Activity —
I need every line of the material below that includes the string "units".

Input data —
-----
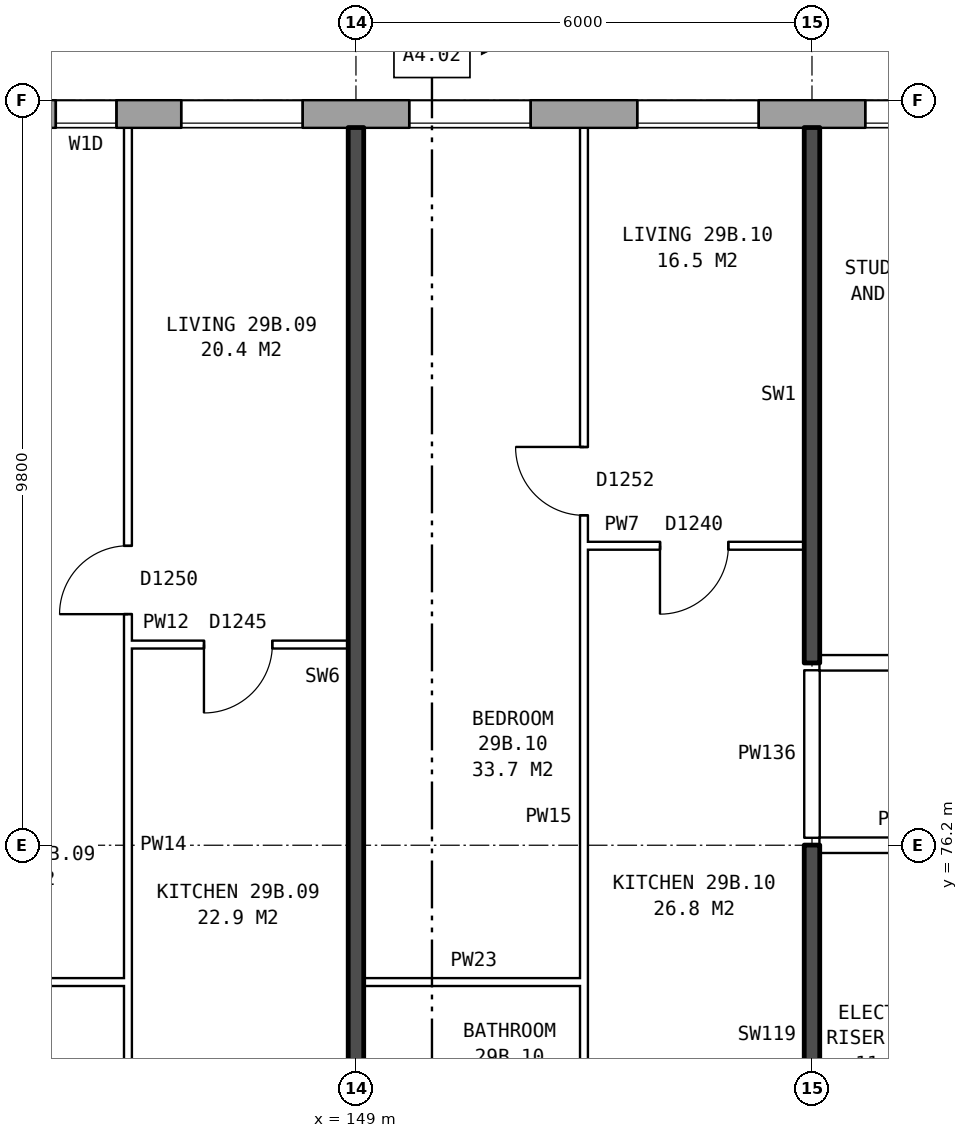
"""IFC4 building model, lengths in metres.
Left out: names, types, materials, properties, quantities, classifications, styles, units other than length and angle.
Written with IfcOpenShell. Run it as: python <this file> out.ifc"""

import sys

from ifc_helpers import new_model, si_unit, direction, frame, frame_2d, origin, place, context, subcontext, project, spatial, rectangle, extrude, element, fill, save


model = new_model("IFC4")
c1 = context("Model", 3, precision=1e-05, world=origin(), true_north=direction((0.0, 1.0)))
c2 = subcontext(c1, "Body", "Model", "MODEL_VIEW")
j1 = project(units=[si_unit("LENGTHUNIT", "METRE"), si_unit("PLANEANGLEUNIT", "RADIAN")], contexts=[c1])
p1 = place(None, origin())
s1 = spatial("IfcSite", under=j1, at=p1, CompositionType="ELEMENT")
p2 = place(p1, origin())
s2 = spatial("IfcBuilding", under=s1, at=p2, CompositionType="ELEMENT")
p3 = place(p2, frame((0.0, 0.0, 105.7)))
s3 = spatial("IfcBuildingStorey", under=s2, at=p3, CompositionType="ELEMENT", Elevation=105.7)
p4 = place(p3, frame((170.925, 85.82, 0.0), z_axis=(0.0, 0.0, 1.0), x_axis=(-1.0, 0.0, 0.0)))
e1 = element("IfcWall", 1, at=p4, inside=s3, PredefinedType="STANDARD", context=c2, shape_type="SweptSolid", body=[
    extrude(rectangle(XDim=36.851, YDim=0.36, at=frame_2d((18.425, 0.0))), origin(), (0.0, 0.0, 1.0), 2.85),
])
p5 = place(p4, frame((1.625, 0.0, 0.8)))
e2 = element("IfcOpeningElement", 2, at=p5, cuts=e1, PredefinedType="OPENING", context=c2, shape_type="SweptSolid", body=[
    extrude(rectangle(XDim=1.6, YDim=1.8, at=frame_2d((0.8, 0.9))), frame((0.0, 0.19, 0.0), z_axis=(0.0, -1.0, 0.0), x_axis=(1.0, 0.0, 0.0)), (0.0, 0.0, 1.0), 0.38),
])
p6 = place(p4, frame((4.625, 0.0, 0.8)))
e3 = element("IfcOpeningElement", 3, at=p6, cuts=e1, PredefinedType="OPENING", context=c2, shape_type="SweptSolid", body=[
    extrude(rectangle(XDim=1.6, YDim=1.8, at=frame_2d((0.8, 0.9))), frame((0.0, 0.19, 0.0), z_axis=(0.0, -1.0, 0.0), x_axis=(1.0, 0.0, 0.0)), (0.0, 0.0, 1.0), 0.38),
])
p7 = place(p4, frame((6.525, 0.0, 0.8)))
e4 = element("IfcOpeningElement", 4, at=p7, cuts=e1, PredefinedType="OPENING", context=c2, shape_type="SweptSolid", body=[
    extrude(rectangle(XDim=1.4, YDim=1.8, at=frame_2d((0.7, 0.9))), frame((0.0, 0.19, 0.0), z_axis=(0.0, -1.0, 0.0), x_axis=(1.0, 0.0, 0.0)), (0.0, 0.0, 1.0), 0.38),
])
p8 = place(p4, frame((10.675, 0.0, 0.8)))
e5 = element("IfcOpeningElement", 5, at=p8, cuts=e1, PredefinedType="OPENING", context=c2, shape_type="SweptSolid", body=[
    extrude(rectangle(XDim=0.6, YDim=0.9, at=frame_2d((0.3, 0.45))), frame((0.0, 0.19, 0.0), z_axis=(0.0, -1.0, 0.0), x_axis=(1.0, 0.0, 0.0)), (0.0, 0.0, 1.0), 0.38),
])
p9 = place(p4, frame((13.625, 0.0, 0.8)))
e6 = element("IfcOpeningElement", 6, at=p9, cuts=e1, PredefinedType="OPENING", context=c2, shape_type="SweptSolid", body=[
    extrude(rectangle(XDim=1.6, YDim=1.8, at=frame_2d((0.8, 0.9))), frame((0.0, 0.19, 0.0), z_axis=(0.0, -1.0, 0.0), x_axis=(1.0, 0.0, 0.0)), (0.0, 0.0, 1.0), 0.38),
])
p10 = place(p4, frame((16.625, 0.0, 0.8)))
e7 = element("IfcOpeningElement", 7, at=p10, cuts=e1, PredefinedType="OPENING", context=c2, shape_type="SweptSolid", body=[
    extrude(rectangle(XDim=1.6, YDim=1.8, at=frame_2d((0.8, 0.9))), frame((0.0, 0.19, 0.0), z_axis=(0.0, -1.0, 0.0), x_axis=(1.0, 0.0, 0.0)), (0.0, 0.0, 1.0), 0.38),
])
p11 = place(p4, frame((19.625, 0.0, 0.8)))
e8 = element("IfcOpeningElement", 8, at=p11, cuts=e1, PredefinedType="OPENING", context=c2, shape_type="SweptSolid", body=[
    extrude(rectangle(XDim=1.6, YDim=1.8, at=frame_2d((0.8, 0.9))), frame((0.0, 0.19, 0.0), z_axis=(0.0, -1.0, 0.0), x_axis=(1.0, 0.0, 0.0)), (0.0, 0.0, 1.0), 0.38),
])
p12 = place(p4, frame((22.625, 0.0, 0.8)))
e9 = element("IfcOpeningElement", 9, at=p12, cuts=e1, PredefinedType="OPENING", context=c2, shape_type="SweptSolid", body=[
    extrude(rectangle(XDim=1.6, YDim=1.8, at=frame_2d((0.8, 0.9))), frame((0.0, 0.19, 0.0), z_axis=(0.0, -1.0, 0.0), x_axis=(1.0, 0.0, 0.0)), (0.0, 0.0, 1.0), 0.38),
])
p13 = place(p4, frame((25.075, 0.0, 0.15)))
e10 = element("IfcOpeningElement", 10, at=p13, cuts=e1, PredefinedType="OPENING", context=c2, shape_type="SweptSolid", body=[
    extrude(rectangle(XDim=0.8, YDim=1.8, at=frame_2d((0.4, 0.9))), frame((0.0, 0.19, 0.0), z_axis=(0.0, -1.0, 0.0), x_axis=(1.0, 0.0, 0.0)), (0.0, 0.0, 1.0), 0.38),
])
p14 = place(p4, frame((28.625, 0.0, 0.8)))
e11 = element("IfcOpeningElement", 11, at=p14, cuts=e1, PredefinedType="OPENING", context=c2, shape_type="SweptSolid", body=[
    extrude(rectangle(XDim=1.6, YDim=1.8, at=frame_2d((0.8, 0.9))), frame((0.0, 0.19, 0.0), z_axis=(0.0, -1.0, 0.0), x_axis=(1.0, 0.0, 0.0)), (0.0, 0.0, 1.0), 0.38),
])
p15 = place(p4, frame((31.625, 0.0, 0.8)))
e12 = element("IfcOpeningElement", 12, at=p15, cuts=e1, PredefinedType="OPENING", context=c2, shape_type="SweptSolid", body=[
    extrude(rectangle(XDim=1.6, YDim=1.8, at=frame_2d((0.8, 0.9))), frame((0.0, 0.19, 0.0), z_axis=(0.0, -1.0, 0.0), x_axis=(1.0, 0.0, 0.0)), (0.0, 0.0, 1.0), 0.38),
])
p16 = place(p4, frame((34.625, 0.0, 0.8)))
e13 = element("IfcOpeningElement", 13, at=p16, cuts=e1, PredefinedType="OPENING", context=c2, shape_type="SweptSolid", body=[
    extrude(rectangle(XDim=1.6, YDim=1.8, at=frame_2d((0.8, 0.9))), frame((0.0, 0.19, 0.0), z_axis=(0.0, -1.0, 0.0), x_axis=(1.0, 0.0, 0.0)), (0.0, 0.0, 1.0), 0.38),
])
p17 = place(p4, frame((8.225, 0.0, 1.4)))
e14 = element("IfcOpeningElement", 14, at=p17, cuts=e1, PredefinedType="OPENING", context=c2, shape_type="SweptSolid", body=[
    extrude(rectangle(XDim=1.0, YDim=1.2, at=frame_2d((0.5, 0.6))), frame((0.0, 0.19, 0.0), z_axis=(0.0, -1.0, 0.0), x_axis=(1.0, 0.0, 0.0)), (0.0, 0.0, 1.0), 0.38),
])
p18 = place(p4, frame((11.725, 0.0, 0.8)))
e15 = element("IfcOpeningElement", 15, at=p18, cuts=e1, PredefinedType="OPENING", context=c2, shape_type="SweptSolid", body=[
    extrude(rectangle(XDim=1.6, YDim=1.8, at=frame_2d((0.8, 0.9))), frame((0.0, 0.19, 0.0), z_axis=(0.0, -1.0, 0.0), x_axis=(1.0, 0.0, 0.0)), (0.0, 0.0, 1.0), 0.38),
])
p19 = place(p4, frame((26.175, 0.0, 0.25)))
e16 = element("IfcOpeningElement", 16, at=p19, cuts=e1, PredefinedType="OPENING", context=c2, shape_type="SweptSolid", body=[
    extrude(rectangle(XDim=0.6, YDim=0.9, at=frame_2d((0.3, 0.45))), frame((0.0, 0.19, 0.0), z_axis=(0.0, -1.0, 0.0), x_axis=(1.0, 0.0, 0.0)), (0.0, 0.0, 1.0), 0.38),
])
p20 = place(p3, frame((142.76, 74.4, 0.0), z_axis=(0.0, 0.0, 1.0), x_axis=(1.0, 0.0, 0.0)))
e17 = element("IfcWall", 17, at=p20, inside=s3, PredefinedType="PARTITIONING", context=c2, shape_type="SweptSolid", body=[
    extrude(rectangle(XDim=3.24, YDim=0.1, at=frame_2d((1.62, 0.0))), origin(), (0.0, 0.0, 1.0), 2.85),
])
p21 = place(p3, frame((149.1, 74.4, 0.0), z_axis=(0.0, 0.0, 1.0), x_axis=(1.0, 0.0, 0.0)))
e18 = element("IfcWall", 18, at=p21, inside=s3, PredefinedType="PARTITIONING", context=c2, shape_type="SweptSolid", body=[
    extrude(rectangle(XDim=2.9, YDim=0.1, at=frame_2d((1.45, 0.0))), origin(), (0.0, 0.0, 1.0), 2.85),
])
p22 = place(p3, frame((155.1, 76.2, 0.0), z_axis=(0.0, 0.0, 1.0), x_axis=(1.0, 0.0, 0.0)))
e19 = element("IfcWall", 19, at=p22, inside=s3, PredefinedType="PARTITIONING", context=c2, shape_type="SweptSolid", body=[
    extrude(rectangle(XDim=2.14, YDim=0.2, at=frame_2d((1.07, 0.0))), origin(), (0.0, 0.0, 1.0), 2.85),
])
p23 = place(p3, frame((155.1, 78.6, 0.0), z_axis=(0.0, 0.0, 1.0), x_axis=(1.0, 0.0, 0.0)))
e20 = element("IfcWall", 20, at=p23, inside=s3, PredefinedType="PARTITIONING", context=c2, shape_type="SweptSolid", body=[
    extrude(rectangle(XDim=18.54, YDim=0.2, at=frame_2d((9.27, 0.0))), origin(), (0.0, 0.0, 1.0), 2.85),
])
p24 = place(p23, frame((1.45, 0.0, 0.0)))
e21 = element("IfcOpeningElement", 21, at=p24, cuts=e20, PredefinedType="OPENING", context=c2, shape_type="SweptSolid", body=[
    extrude(rectangle(XDim=1.0, YDim=2.1, at=frame_2d((0.5, 1.05))), frame((0.0, 0.11, 0.0), z_axis=(0.0, -1.0, 0.0), x_axis=(1.0, 0.0, 0.0)), (0.0, 0.0, 1.0), 0.22),
])
p25 = place(p23, frame((9.6, 0.0, 0.0)))
e22 = element("IfcOpeningElement", 22, at=p25, cuts=e20, PredefinedType="OPENING", context=c2, shape_type="SweptSolid", body=[
    extrude(rectangle(XDim=1.0, YDim=2.1, at=frame_2d((0.5, 1.05))), frame((0.0, 0.11, 0.0), z_axis=(0.0, -1.0, 0.0), x_axis=(1.0, 0.0, 0.0)), (0.0, 0.0, 1.0), 0.22),
])
p26 = place(p23, frame((15.92, 0.0, 0.0)))
e23 = element("IfcOpeningElement", 23, at=p26, cuts=e20, PredefinedType="OPENING", context=c2, shape_type="SweptSolid", body=[
    extrude(rectangle(XDim=1.0, YDim=2.1, at=frame_2d((0.5, 1.05))), frame((0.0, 0.11, 0.0), z_axis=(0.0, -1.0, 0.0), x_axis=(1.0, 0.0, 0.0)), (0.0, 0.0, 1.0), 0.22),
])
p27 = place(p3, frame((146.0, 78.84, 0.0), z_axis=(0.0, 0.0, 1.0), x_axis=(1.0, 0.0, 0.0)))
e24 = element("IfcWall", 24, at=p27, inside=s3, PredefinedType="PARTITIONING", context=c2, shape_type="SweptSolid", body=[
    extrude(rectangle(XDim=2.9, YDim=0.1, at=frame_2d((1.45, 0.0))), origin(), (0.0, 0.0, 1.0), 2.85),
])
p28 = place(p27, frame((1.0, 0.0, 0.0)))
e25 = element("IfcOpeningElement", 25, at=p28, cuts=e24, PredefinedType="OPENING", context=c2, shape_type="SweptSolid", body=[
    extrude(rectangle(XDim=0.9, YDim=2.1, at=frame_2d((0.45, 1.05))), frame((0.0, 0.06, 0.0), z_axis=(0.0, -1.0, 0.0), x_axis=(1.0, 0.0, 0.0)), (0.0, 0.0, 1.0), 0.12),
])
p29 = place(p3, frame((152.0, 80.14, 0.0), z_axis=(0.0, 0.0, 1.0), x_axis=(1.0, 0.0, 0.0)))
e26 = element("IfcWall", 26, at=p29, inside=s3, PredefinedType="PARTITIONING", context=c2, shape_type="SweptSolid", body=[
    extrude(rectangle(XDim=2.9, YDim=0.1, at=frame_2d((1.45, 0.0))), origin(), (0.0, 0.0, 1.0), 2.85),
])
p30 = place(p29, frame((1.0, 0.0, 0.0)))
e27 = element("IfcOpeningElement", 27, at=p30, cuts=e26, PredefinedType="OPENING", context=c2, shape_type="SweptSolid", body=[
    extrude(rectangle(XDim=0.9, YDim=2.1, at=frame_2d((0.45, 1.05))), frame((0.0, 0.06, 0.0), z_axis=(0.0, -1.0, 0.0), x_axis=(1.0, 0.0, 0.0)), (0.0, 0.0, 1.0), 0.12),
])
p31 = place(p3, frame((146.0, 71.3, 0.0), z_axis=(0.0, 0.0, 1.0), x_axis=(0.0, 1.0, 0.0)))
e28 = element("IfcWall", 28, at=p31, inside=s3, PredefinedType="PARTITIONING", context=c2, shape_type="SweptSolid", body=[
    extrude(rectangle(XDim=14.34, YDim=0.1, at=frame_2d((7.17, 0.0))), origin(), (0.0, 0.0, 1.0), 2.85),
])
p32 = place(p31, frame((7.94, 0.0, 0.0)))
e29 = element("IfcOpeningElement", 29, at=p32, cuts=e28, PredefinedType="OPENING", context=c2, shape_type="SweptSolid", body=[
    extrude(rectangle(XDim=0.9, YDim=2.1, at=frame_2d((0.45, 1.05))), frame((0.0, 0.06, 0.0), z_axis=(0.0, -1.0, 0.0), x_axis=(1.0, 0.0, 0.0)), (0.0, 0.0, 1.0), 0.12),
])
p33 = place(p31, frame((0.4, 0.0, 0.0)))
e30 = element("IfcOpeningElement", 30, at=p33, cuts=e28, PredefinedType="OPENING", context=c2, shape_type="SweptSolid", body=[
    extrude(rectangle(XDim=0.9, YDim=2.1, at=frame_2d((0.45, 1.05))), frame((0.0, 0.06, 0.0), z_axis=(0.0, -1.0, 0.0), x_axis=(1.0, 0.0, 0.0)), (0.0, 0.0, 1.0), 0.12),
])
p34 = place(p3, frame((149.0, 71.2, 0.0), z_axis=(0.0, 0.0, 1.0), x_axis=(0.0, 1.0, 0.0)))
e31 = element("IfcWall", 31, at=p34, inside=s3, PredefinedType="SOLIDWALL", context=c2, shape_type="SweptSolid", body=[
    extrude(rectangle(XDim=14.44, YDim=0.2, at=frame_2d((7.22, 0.0))), origin(), (0.0, 0.0, 1.0), 2.85),
])
p35 = place(p3, frame((152.0, 71.3, 0.0), z_axis=(0.0, 0.0, 1.0), x_axis=(0.0, 1.0, 0.0)))
e32 = element("IfcWall", 32, at=p35, inside=s3, PredefinedType="PARTITIONING", context=c2, shape_type="SweptSolid", body=[
    extrude(rectangle(XDim=14.34, YDim=0.1, at=frame_2d((7.17, 0.0))), origin(), (0.0, 0.0, 1.0), 2.85),
])
p36 = place(p35, frame((9.24, 0.0, 0.0)))
e33 = element("IfcOpeningElement", 33, at=p36, cuts=e32, PredefinedType="OPENING", context=c2, shape_type="SweptSolid", body=[
    extrude(rectangle(XDim=0.9, YDim=2.1, at=frame_2d((0.45, 1.05))), frame((0.0, 0.06, 0.0), z_axis=(0.0, -1.0, 0.0), x_axis=(1.0, 0.0, 0.0)), (0.0, 0.0, 1.0), 0.12),
])
p37 = place(p35, frame((0.4, 0.0, 0.0)))
e34 = element("IfcOpeningElement", 34, at=p37, cuts=e32, PredefinedType="OPENING", context=c2, shape_type="SweptSolid", body=[
    extrude(rectangle(XDim=0.9, YDim=2.1, at=frame_2d((0.45, 1.05))), frame((0.0, 0.06, 0.0), z_axis=(0.0, -1.0, 0.0), x_axis=(1.0, 0.0, 0.0)), (0.0, 0.0, 1.0), 0.12),
])
p38 = place(p3, frame((155.0, 71.2, 0.0), z_axis=(0.0, 0.0, 1.0), x_axis=(0.0, 1.0, 0.0)))
e35 = element("IfcWall", 35, at=p38, inside=s3, PredefinedType="SOLIDWALL", context=c2, shape_type="SweptSolid", body=[
    extrude(rectangle(XDim=5.0, YDim=0.2, at=frame_2d((2.5, 0.0))), origin(), (0.0, 0.0, 1.0), 2.85),
])
p39 = place(p3, frame((155.0, 76.3, 0.0), z_axis=(0.0, 0.0, 1.0), x_axis=(0.0, 1.0, 0.0)))
e36 = element("IfcWall", 36, at=p39, inside=s3, PredefinedType="PARTITIONING", context=c2, shape_type="SweptSolid", body=[
    extrude(rectangle(XDim=2.2, YDim=0.2, at=frame_2d((1.1, 0.0))), origin(), (0.0, 0.0, 1.0), 2.85),
])
p40 = place(p3, frame((155.0, 78.6, 0.0), z_axis=(0.0, 0.0, 1.0), x_axis=(0.0, 1.0, 0.0)))
e37 = element("IfcWall", 37, at=p40, inside=s3, PredefinedType="SOLIDWALL", context=c2, shape_type="SweptSolid", body=[
    extrude(rectangle(XDim=7.04, YDim=0.2, at=frame_2d((3.52, 0.0))), origin(), (0.0, 0.0, 1.0), 2.85),
])
p41 = place(p9, origin())
e38 = element("IfcWindow", 38, at=p41, inside=s3, PartitioningType="SINGLE_PANEL", PredefinedType="WINDOW", context=c2, shape_type="SweptSolid", body=[
    extrude(rectangle(XDim=1.6, YDim=1.8, at=frame_2d((0.8, 0.9))), frame((0.0, 0.15, 0.0), z_axis=(0.0, -1.0, 0.0), x_axis=(1.0, 0.0, 0.0)), (0.0, 0.0, 1.0), 0.06),
])
fill(e6, e38)
p42 = place(p10, origin())
e39 = element("IfcWindow", 39, at=p42, inside=s3, PartitioningType="SINGLE_PANEL", PredefinedType="WINDOW", context=c2, shape_type="SweptSolid", body=[
    extrude(rectangle(XDim=1.6, YDim=1.8, at=frame_2d((0.8, 0.9))), frame((0.0, 0.15, 0.0), z_axis=(0.0, -1.0, 0.0), x_axis=(1.0, 0.0, 0.0)), (0.0, 0.0, 1.0), 0.06),
])
fill(e7, e39)
p43 = place(p11, origin())
e40 = element("IfcWindow", 40, at=p43, inside=s3, PartitioningType="SINGLE_PANEL", PredefinedType="WINDOW", context=c2, shape_type="SweptSolid", body=[
    extrude(rectangle(XDim=1.6, YDim=1.8, at=frame_2d((0.8, 0.9))), frame((0.0, 0.15, 0.0), z_axis=(0.0, -1.0, 0.0), x_axis=(1.0, 0.0, 0.0)), (0.0, 0.0, 1.0), 0.06),
])
fill(e8, e40)
p44 = place(p12, origin())
e41 = element("IfcWindow", 41, at=p44, inside=s3, PartitioningType="SINGLE_PANEL", PredefinedType="WINDOW", context=c2, shape_type="SweptSolid", body=[
    extrude(rectangle(XDim=1.6, YDim=1.8, at=frame_2d((0.8, 0.9))), frame((0.0, 0.15, 0.0), z_axis=(0.0, -1.0, 0.0), x_axis=(1.0, 0.0, 0.0)), (0.0, 0.0, 1.0), 0.06),
])
fill(e9, e41)
p45 = place(p13, origin())
e42 = element("IfcWindow", 42, at=p45, inside=s3, PartitioningType="SINGLE_PANEL", PredefinedType="WINDOW", context=c2, shape_type="SweptSolid", body=[
    extrude(rectangle(XDim=0.8, YDim=1.8, at=frame_2d((0.4, 0.9))), frame((0.0, 0.15, 0.0), z_axis=(0.0, -1.0, 0.0), x_axis=(1.0, 0.0, 0.0)), (0.0, 0.0, 1.0), 0.06),
])
fill(e10, e42)
p46 = place(p32, origin())
e43 = element("IfcDoor", 43, at=p46, inside=s3, OperationType="SINGLE_SWING_LEFT", PredefinedType="DOOR", context=c2, shape_type="SweptSolid", body=[
    extrude(rectangle(XDim=0.9, YDim=2.1, at=frame_2d((0.45, 1.05))), frame((0.0, 0.025, 0.0), z_axis=(0.0, -1.0, 0.0), x_axis=(1.0, 0.0, 0.0)), (0.0, 0.0, 1.0), 0.05),
])
fill(e29, e43)
p47 = place(p28, frame((0.9, 0.0, 0.0), z_axis=(0.0, 0.0, 1.0), x_axis=(-1.0, 0.0, 0.0)))
e44 = element("IfcDoor", 44, at=p47, inside=s3, OperationType="SINGLE_SWING_RIGHT", PredefinedType="DOOR", context=c2, shape_type="SweptSolid", body=[
    extrude(rectangle(XDim=0.9, YDim=2.1, at=frame_2d((0.45, 1.05))), frame((0.0, 0.025, 0.0), z_axis=(0.0, -1.0, 0.0), x_axis=(1.0, 0.0, 0.0)), (0.0, 0.0, 1.0), 0.05),
])
fill(e25, e44)
p48 = place(p36, origin())
e45 = element("IfcDoor", 45, at=p48, inside=s3, OperationType="SINGLE_SWING_RIGHT", PredefinedType="DOOR", context=c2, shape_type="SweptSolid", body=[
    extrude(rectangle(XDim=0.9, YDim=2.1, at=frame_2d((0.45, 1.05))), frame((0.0, 0.025, 0.0), z_axis=(0.0, -1.0, 0.0), x_axis=(1.0, 0.0, 0.0)), (0.0, 0.0, 1.0), 0.05),
])
fill(e33, e45)
p49 = place(p30, frame((0.9, 0.0, 0.0), z_axis=(0.0, 0.0, 1.0), x_axis=(-1.0, 0.0, 0.0)))
e46 = element("IfcDoor", 46, at=p49, inside=s3, OperationType="SINGLE_SWING_RIGHT", PredefinedType="DOOR", context=c2, shape_type="SweptSolid", body=[
    extrude(rectangle(XDim=0.9, YDim=2.1, at=frame_2d((0.45, 1.05))), frame((0.0, 0.025, 0.0), z_axis=(0.0, -1.0, 0.0), x_axis=(1.0, 0.0, 0.0)), (0.0, 0.0, 1.0), 0.05),
])
fill(e27, e46)
save(model, sys.argv[1])
-----
Result of the task —
Left out: names, types, materials, properties, quantities, classifications, styles, units other than length and angle.
j1 = project(units=[si_unit("LENGTHUNIT", "METRE"), si_unit("PLANEANGLEUNIT", "RADIAN")], contexts=[c1])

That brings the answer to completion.